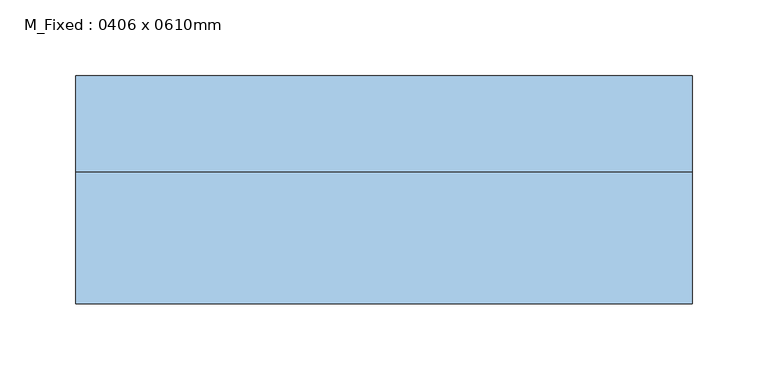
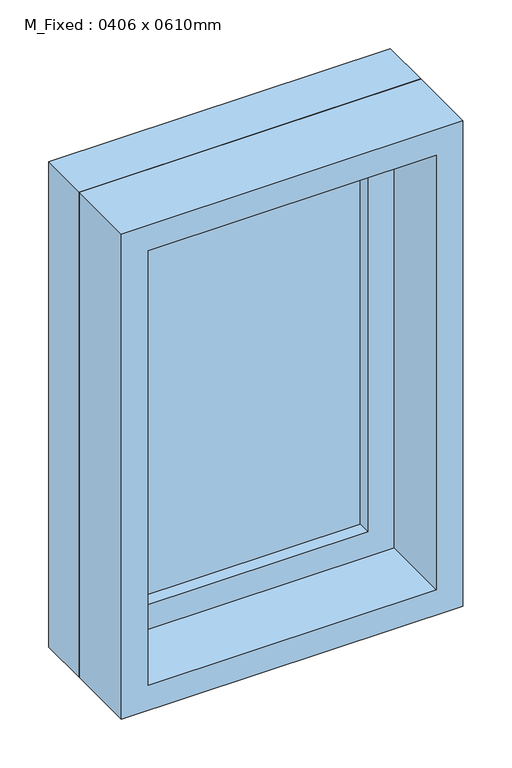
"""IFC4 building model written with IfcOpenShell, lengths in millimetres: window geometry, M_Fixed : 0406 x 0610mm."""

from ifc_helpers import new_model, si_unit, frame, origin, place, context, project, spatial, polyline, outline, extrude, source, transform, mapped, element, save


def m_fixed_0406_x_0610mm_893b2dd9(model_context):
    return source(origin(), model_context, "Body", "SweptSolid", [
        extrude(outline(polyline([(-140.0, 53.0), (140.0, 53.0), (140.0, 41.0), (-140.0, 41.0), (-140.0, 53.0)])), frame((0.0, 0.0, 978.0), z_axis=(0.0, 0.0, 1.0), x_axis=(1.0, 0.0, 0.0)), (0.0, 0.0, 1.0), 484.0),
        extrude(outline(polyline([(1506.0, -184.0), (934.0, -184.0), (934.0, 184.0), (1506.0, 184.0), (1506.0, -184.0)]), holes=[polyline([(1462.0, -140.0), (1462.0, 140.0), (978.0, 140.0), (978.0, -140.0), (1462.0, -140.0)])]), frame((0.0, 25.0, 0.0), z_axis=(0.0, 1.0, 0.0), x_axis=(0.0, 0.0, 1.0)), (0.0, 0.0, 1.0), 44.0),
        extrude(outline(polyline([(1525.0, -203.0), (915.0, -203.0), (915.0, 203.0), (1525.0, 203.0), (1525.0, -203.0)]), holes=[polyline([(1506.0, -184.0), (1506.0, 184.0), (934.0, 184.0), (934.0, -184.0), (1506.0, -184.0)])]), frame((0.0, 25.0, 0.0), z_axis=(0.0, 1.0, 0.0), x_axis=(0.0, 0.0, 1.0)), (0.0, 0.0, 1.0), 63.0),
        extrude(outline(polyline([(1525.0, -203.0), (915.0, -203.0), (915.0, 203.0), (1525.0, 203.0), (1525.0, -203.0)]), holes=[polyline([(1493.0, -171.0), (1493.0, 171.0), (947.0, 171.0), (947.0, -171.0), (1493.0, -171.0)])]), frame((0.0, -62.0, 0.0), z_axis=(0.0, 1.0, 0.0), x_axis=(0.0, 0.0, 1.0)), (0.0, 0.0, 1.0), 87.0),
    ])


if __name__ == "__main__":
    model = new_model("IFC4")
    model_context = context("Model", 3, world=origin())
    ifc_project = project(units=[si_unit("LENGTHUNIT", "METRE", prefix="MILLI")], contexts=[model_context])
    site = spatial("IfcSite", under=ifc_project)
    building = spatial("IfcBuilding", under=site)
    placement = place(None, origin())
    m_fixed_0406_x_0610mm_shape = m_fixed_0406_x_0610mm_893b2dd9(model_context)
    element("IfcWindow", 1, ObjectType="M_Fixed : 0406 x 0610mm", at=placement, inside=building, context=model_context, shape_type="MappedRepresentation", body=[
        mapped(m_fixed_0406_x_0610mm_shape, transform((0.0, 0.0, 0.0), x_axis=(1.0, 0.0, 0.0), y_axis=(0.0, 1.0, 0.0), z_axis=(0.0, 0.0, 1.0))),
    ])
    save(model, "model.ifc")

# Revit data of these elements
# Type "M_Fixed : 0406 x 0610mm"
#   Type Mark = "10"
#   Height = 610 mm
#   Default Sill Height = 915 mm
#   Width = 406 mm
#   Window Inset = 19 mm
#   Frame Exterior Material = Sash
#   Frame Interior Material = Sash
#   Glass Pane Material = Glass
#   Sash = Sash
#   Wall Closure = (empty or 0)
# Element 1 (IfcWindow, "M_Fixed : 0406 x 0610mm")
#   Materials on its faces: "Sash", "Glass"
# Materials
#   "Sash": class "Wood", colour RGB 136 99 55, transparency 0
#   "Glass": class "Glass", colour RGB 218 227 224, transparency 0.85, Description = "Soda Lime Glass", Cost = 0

= Problem statement =
Every line holding the word "transparency" should be copied out of the material.

= Answer box =
#   "Sash": class "Wood", colour RGB 136 99 55, transparency 0
#   "Glass": class "Glass", colour RGB 218 227 224, transparency 0.85, Description = "Soda Lime Glass", Cost = 0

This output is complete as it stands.